#### [EXERCISE AIM]
Beginning at the line that contains "line L4 (3.3, 4.6) -> (6.5, 4.6)", transcribe every line up to the last one in the material below. Include no other lines.

#### [WORKING DATA]
___

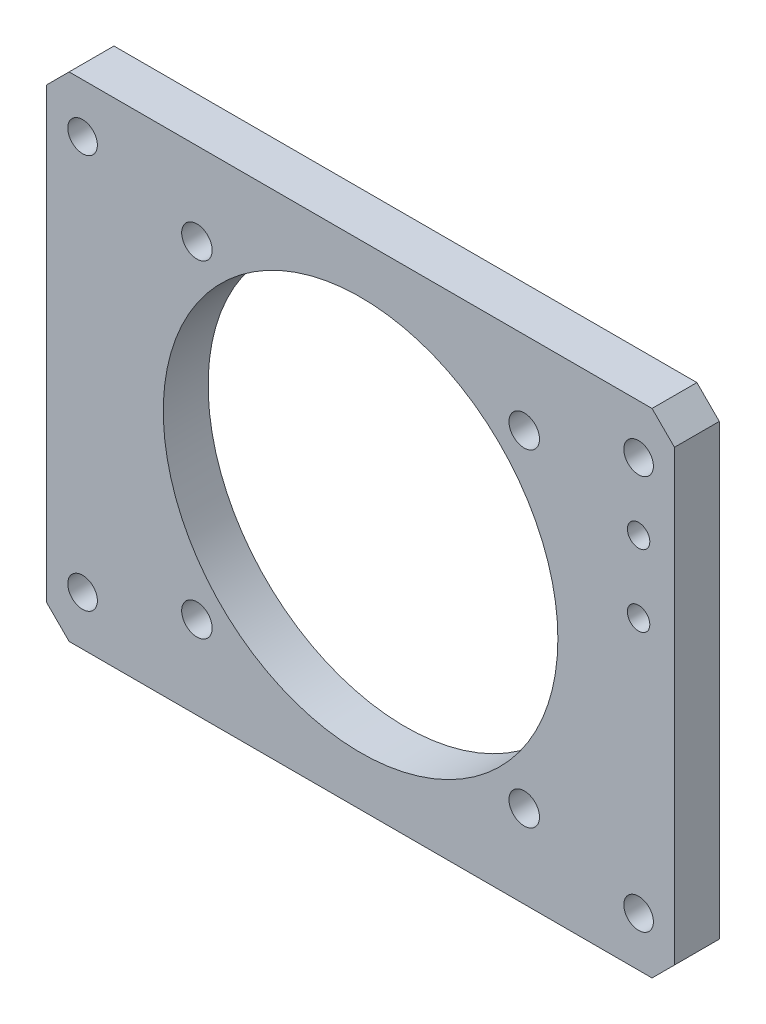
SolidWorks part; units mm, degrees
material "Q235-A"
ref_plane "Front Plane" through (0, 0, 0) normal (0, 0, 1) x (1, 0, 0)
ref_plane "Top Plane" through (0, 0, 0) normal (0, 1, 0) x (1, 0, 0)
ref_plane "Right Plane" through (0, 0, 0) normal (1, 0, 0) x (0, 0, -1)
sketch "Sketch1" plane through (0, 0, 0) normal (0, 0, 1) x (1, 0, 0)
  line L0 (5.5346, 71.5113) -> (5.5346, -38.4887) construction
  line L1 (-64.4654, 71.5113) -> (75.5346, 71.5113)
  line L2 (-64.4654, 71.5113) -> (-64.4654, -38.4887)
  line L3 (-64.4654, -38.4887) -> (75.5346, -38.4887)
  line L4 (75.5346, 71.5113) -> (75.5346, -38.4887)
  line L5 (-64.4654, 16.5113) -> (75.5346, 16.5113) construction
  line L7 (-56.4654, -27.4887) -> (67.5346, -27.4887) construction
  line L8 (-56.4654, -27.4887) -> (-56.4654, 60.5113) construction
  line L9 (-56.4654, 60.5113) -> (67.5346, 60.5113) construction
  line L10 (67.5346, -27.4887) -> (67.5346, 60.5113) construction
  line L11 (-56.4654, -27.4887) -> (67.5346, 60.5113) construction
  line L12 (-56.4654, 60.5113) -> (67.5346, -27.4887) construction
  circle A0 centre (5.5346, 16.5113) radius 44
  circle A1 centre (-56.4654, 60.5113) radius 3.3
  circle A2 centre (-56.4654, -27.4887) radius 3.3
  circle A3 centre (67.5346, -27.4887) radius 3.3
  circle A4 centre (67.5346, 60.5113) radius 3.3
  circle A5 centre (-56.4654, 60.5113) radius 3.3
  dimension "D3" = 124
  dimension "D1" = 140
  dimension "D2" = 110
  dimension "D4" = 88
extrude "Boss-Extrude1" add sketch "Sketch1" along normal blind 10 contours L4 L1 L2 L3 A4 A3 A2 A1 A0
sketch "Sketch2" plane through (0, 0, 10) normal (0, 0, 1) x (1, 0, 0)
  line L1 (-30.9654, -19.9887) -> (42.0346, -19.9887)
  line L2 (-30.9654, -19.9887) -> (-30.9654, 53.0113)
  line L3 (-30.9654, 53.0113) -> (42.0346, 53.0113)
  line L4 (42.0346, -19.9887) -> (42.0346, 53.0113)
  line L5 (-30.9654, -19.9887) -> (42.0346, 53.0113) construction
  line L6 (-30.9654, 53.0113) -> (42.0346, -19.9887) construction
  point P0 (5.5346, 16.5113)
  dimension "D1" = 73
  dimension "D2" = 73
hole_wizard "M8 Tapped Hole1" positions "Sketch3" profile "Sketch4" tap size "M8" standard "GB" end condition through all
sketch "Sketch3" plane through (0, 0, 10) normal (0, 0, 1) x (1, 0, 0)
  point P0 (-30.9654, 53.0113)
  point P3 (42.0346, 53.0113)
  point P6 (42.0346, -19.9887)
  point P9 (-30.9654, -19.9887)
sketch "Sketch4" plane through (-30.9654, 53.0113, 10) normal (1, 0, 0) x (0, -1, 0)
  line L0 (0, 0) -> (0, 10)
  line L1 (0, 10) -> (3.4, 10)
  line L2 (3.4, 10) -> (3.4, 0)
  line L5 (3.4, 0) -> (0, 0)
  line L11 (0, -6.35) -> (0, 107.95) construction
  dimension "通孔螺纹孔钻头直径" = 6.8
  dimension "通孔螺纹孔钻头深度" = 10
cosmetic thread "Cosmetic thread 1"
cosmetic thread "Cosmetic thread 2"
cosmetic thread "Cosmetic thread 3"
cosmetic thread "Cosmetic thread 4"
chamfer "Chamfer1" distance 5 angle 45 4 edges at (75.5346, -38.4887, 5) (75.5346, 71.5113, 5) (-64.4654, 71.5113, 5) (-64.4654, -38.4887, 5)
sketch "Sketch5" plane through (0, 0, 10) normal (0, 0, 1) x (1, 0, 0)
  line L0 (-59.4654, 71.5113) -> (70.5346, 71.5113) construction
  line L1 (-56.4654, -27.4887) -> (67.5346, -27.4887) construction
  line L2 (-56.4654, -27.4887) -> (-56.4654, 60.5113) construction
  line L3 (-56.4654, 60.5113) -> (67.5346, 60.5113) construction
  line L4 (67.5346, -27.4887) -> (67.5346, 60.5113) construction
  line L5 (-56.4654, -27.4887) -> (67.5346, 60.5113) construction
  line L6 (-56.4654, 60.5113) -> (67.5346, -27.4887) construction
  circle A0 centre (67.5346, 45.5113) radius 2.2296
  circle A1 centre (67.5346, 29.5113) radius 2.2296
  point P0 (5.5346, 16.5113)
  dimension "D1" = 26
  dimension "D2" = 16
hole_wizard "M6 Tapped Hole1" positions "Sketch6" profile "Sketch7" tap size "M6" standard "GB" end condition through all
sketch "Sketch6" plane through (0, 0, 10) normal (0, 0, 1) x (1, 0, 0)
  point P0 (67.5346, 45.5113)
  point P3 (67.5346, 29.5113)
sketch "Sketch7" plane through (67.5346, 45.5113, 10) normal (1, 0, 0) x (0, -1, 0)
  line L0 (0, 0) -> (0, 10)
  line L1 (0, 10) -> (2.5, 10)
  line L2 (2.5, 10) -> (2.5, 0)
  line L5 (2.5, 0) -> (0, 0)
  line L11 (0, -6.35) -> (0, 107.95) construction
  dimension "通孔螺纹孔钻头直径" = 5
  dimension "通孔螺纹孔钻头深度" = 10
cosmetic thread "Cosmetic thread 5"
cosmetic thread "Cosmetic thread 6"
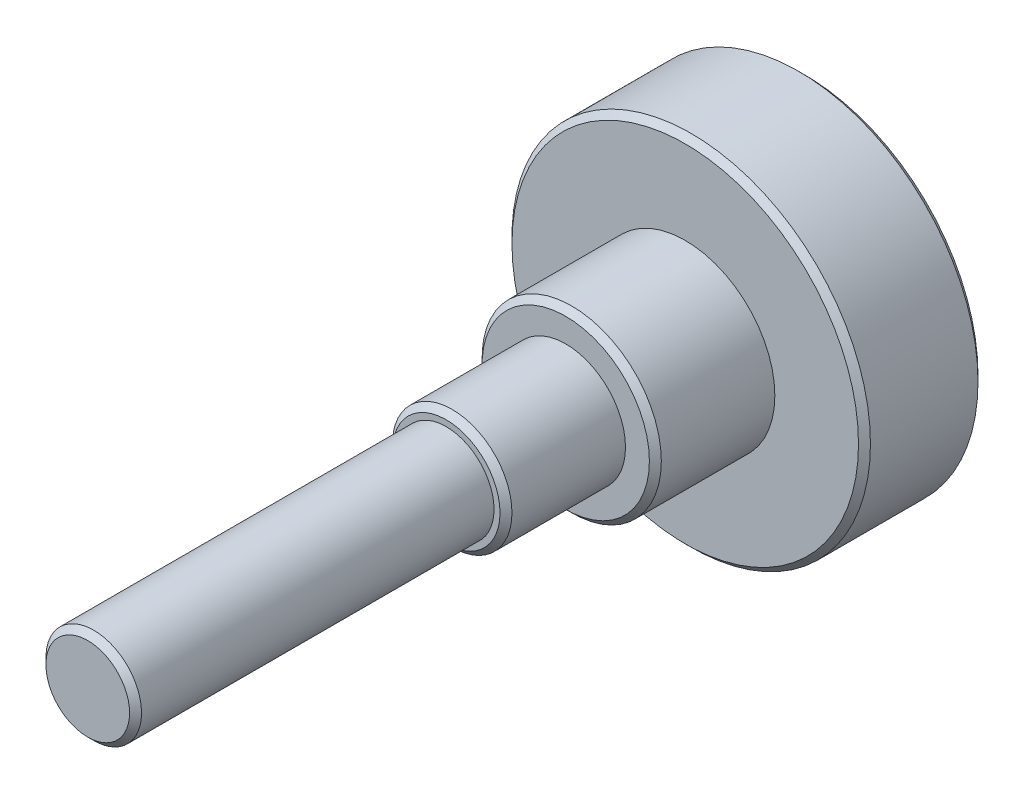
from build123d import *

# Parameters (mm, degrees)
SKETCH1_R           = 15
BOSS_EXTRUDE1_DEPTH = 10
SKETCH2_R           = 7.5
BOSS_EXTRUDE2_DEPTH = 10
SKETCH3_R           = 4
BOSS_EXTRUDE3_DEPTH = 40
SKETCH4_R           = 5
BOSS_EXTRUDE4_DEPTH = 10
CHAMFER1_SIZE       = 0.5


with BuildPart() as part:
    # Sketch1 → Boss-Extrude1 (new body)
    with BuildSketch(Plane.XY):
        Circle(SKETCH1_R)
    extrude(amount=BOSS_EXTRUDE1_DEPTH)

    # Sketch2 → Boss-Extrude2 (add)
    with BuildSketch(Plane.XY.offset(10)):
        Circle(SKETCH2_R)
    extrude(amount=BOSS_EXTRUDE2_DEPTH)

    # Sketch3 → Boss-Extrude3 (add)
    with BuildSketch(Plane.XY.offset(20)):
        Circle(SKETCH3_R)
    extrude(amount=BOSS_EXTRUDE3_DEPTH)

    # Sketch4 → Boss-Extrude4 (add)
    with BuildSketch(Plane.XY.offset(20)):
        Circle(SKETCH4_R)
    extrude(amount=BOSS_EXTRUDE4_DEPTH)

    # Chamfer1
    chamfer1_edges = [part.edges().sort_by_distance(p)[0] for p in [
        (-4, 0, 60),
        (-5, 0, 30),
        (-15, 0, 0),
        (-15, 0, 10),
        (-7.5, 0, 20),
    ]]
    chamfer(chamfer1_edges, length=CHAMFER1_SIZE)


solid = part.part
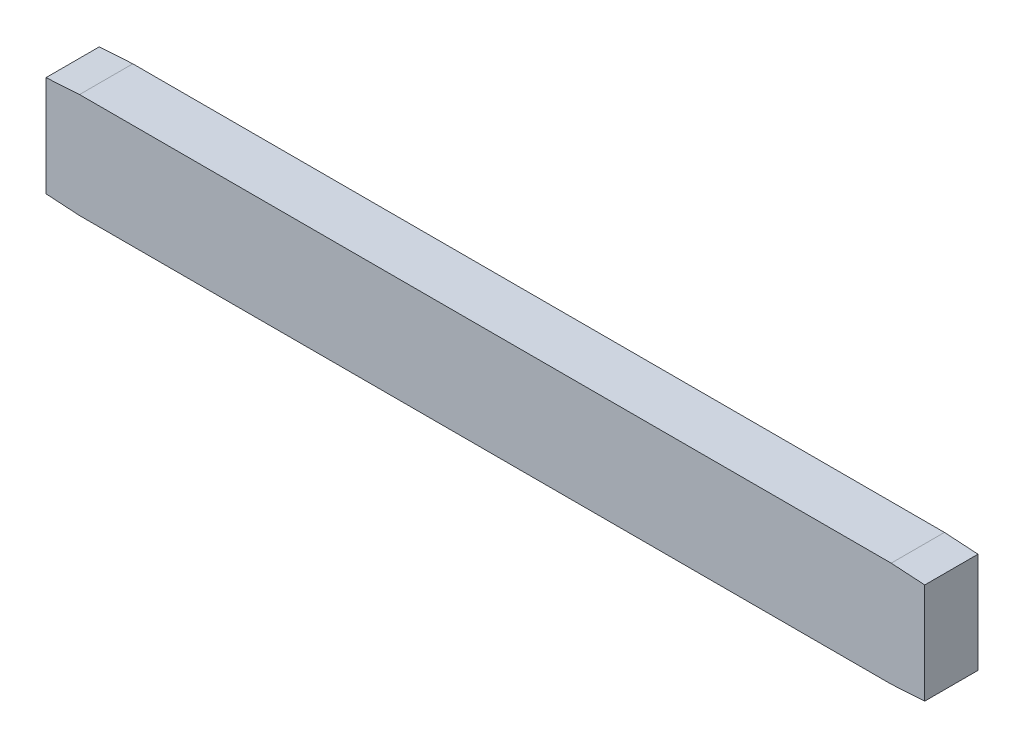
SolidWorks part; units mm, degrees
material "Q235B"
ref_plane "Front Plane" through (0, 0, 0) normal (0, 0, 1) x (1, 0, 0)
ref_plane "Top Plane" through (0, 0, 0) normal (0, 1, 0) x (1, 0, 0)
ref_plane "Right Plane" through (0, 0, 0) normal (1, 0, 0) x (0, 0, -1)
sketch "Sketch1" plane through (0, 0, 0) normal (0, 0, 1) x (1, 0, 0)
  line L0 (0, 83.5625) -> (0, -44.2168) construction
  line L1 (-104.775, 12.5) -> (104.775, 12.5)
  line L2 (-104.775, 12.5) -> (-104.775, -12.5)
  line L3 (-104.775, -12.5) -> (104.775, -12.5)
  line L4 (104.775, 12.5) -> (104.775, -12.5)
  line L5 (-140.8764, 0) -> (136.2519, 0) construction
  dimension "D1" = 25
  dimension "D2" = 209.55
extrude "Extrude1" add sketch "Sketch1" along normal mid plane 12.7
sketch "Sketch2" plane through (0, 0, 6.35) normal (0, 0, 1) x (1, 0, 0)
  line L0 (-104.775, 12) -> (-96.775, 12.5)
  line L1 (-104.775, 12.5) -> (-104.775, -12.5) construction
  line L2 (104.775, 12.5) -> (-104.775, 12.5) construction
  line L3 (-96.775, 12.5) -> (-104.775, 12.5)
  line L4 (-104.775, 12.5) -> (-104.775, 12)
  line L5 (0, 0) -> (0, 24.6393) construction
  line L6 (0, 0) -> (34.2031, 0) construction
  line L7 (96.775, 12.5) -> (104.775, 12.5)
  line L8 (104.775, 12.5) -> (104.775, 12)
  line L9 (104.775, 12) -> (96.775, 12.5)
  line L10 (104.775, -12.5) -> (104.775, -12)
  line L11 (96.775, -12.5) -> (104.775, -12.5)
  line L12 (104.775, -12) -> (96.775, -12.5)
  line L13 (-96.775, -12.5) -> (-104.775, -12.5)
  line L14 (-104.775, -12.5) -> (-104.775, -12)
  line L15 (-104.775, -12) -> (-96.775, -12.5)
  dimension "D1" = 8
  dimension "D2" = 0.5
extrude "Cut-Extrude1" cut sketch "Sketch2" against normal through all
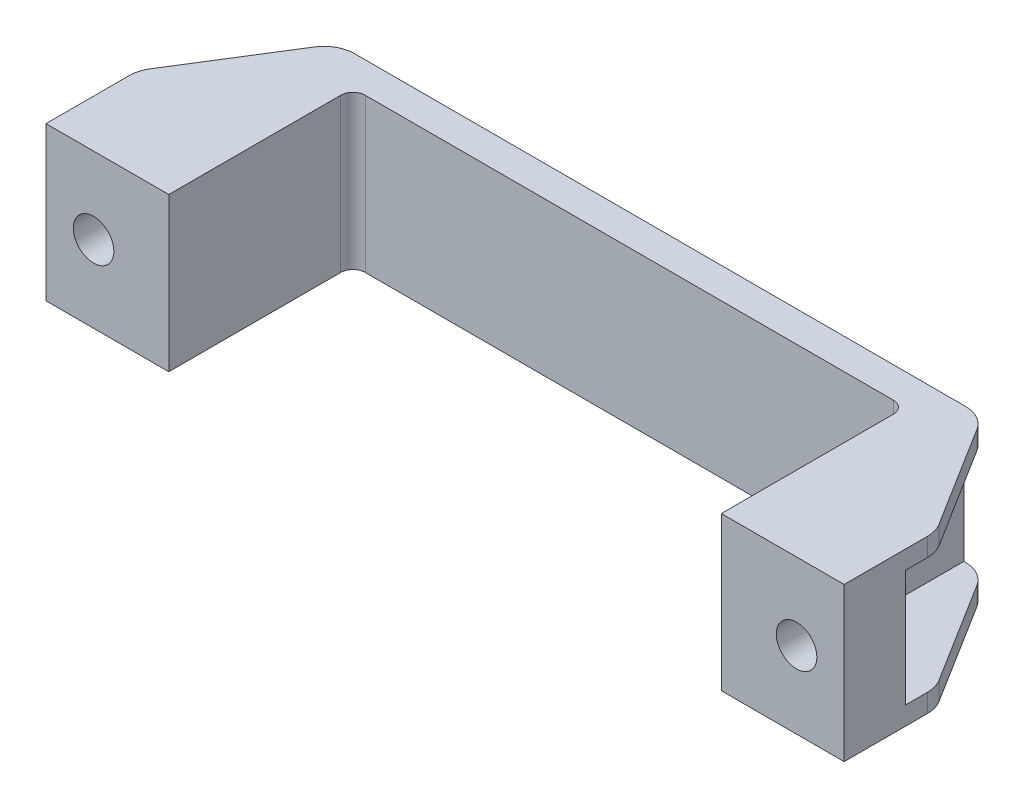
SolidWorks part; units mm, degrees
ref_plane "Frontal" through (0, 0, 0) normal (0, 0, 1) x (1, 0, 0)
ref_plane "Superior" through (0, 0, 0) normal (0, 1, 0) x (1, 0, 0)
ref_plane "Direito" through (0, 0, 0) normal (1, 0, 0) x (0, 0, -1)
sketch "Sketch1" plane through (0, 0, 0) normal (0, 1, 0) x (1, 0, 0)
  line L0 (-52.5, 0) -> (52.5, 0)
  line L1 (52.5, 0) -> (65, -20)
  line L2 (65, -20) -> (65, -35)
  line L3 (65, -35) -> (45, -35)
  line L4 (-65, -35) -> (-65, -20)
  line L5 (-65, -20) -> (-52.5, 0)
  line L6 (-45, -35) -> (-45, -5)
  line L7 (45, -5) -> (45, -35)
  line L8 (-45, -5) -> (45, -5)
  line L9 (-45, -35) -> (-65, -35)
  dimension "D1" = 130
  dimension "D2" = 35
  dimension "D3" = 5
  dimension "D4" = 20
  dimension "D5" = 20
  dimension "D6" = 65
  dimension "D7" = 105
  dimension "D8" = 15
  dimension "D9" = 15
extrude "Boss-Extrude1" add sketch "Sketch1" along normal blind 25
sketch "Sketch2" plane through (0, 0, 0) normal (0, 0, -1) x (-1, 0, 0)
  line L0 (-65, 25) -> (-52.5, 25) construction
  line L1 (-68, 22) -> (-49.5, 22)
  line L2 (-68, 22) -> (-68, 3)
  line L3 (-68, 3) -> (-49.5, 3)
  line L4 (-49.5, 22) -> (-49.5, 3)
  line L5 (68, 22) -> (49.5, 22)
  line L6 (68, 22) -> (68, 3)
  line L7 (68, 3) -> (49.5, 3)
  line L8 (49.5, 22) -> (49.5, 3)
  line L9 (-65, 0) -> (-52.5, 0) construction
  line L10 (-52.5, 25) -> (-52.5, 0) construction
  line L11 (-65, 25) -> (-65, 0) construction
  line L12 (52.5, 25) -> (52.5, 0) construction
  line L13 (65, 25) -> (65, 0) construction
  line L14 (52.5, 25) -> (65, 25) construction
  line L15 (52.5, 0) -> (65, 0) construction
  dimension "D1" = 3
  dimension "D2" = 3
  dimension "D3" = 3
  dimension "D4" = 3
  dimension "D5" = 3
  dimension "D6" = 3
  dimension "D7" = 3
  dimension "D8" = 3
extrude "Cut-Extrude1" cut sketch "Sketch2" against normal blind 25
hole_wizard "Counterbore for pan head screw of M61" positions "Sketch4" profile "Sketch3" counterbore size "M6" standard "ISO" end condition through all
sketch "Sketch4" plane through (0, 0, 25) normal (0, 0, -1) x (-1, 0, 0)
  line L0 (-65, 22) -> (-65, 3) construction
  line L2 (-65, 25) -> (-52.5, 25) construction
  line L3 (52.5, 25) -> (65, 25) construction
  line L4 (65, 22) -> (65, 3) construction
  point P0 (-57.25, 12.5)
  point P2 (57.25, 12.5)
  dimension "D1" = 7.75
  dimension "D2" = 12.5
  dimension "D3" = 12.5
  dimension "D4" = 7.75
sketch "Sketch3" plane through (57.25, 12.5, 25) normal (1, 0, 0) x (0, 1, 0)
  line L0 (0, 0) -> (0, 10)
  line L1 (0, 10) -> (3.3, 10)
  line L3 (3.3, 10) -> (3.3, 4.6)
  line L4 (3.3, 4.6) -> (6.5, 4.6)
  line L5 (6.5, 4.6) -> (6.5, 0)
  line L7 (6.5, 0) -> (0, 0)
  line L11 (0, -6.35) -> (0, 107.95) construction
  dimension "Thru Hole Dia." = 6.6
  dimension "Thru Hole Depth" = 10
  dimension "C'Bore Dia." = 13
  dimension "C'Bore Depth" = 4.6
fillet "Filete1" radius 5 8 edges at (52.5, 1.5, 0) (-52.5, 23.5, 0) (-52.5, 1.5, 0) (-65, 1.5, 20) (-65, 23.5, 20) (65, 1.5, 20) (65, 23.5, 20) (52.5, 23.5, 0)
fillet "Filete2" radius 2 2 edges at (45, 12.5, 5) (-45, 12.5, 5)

___

#### [TASK ANSWER]
  line L4 (3.3, 4.6) -> (6.5, 4.6)
  line L5 (6.5, 4.6) -> (6.5, 0)
  line L7 (6.5, 0) -> (0, 0)
  line L11 (0, -6.35) -> (0, 107.95) construction
  dimension "Thru Hole Dia." = 6.6
  dimension "Thru Hole Depth" = 10
  dimension "C'Bore Dia." = 13
  dimension "C'Bore Depth" = 4.6
fillet "Filete1" radius 5 8 edges at (52.5, 1.5, 0) (-52.5, 23.5, 0) (-52.5, 1.5, 0) (-65, 1.5, 20) (-65, 23.5, 20) (65, 1.5, 20) (65, 23.5, 20) (52.5, 23.5, 0)
fillet "Filete2" radius 2 2 edges at (45, 12.5, 5) (-45, 12.5, 5)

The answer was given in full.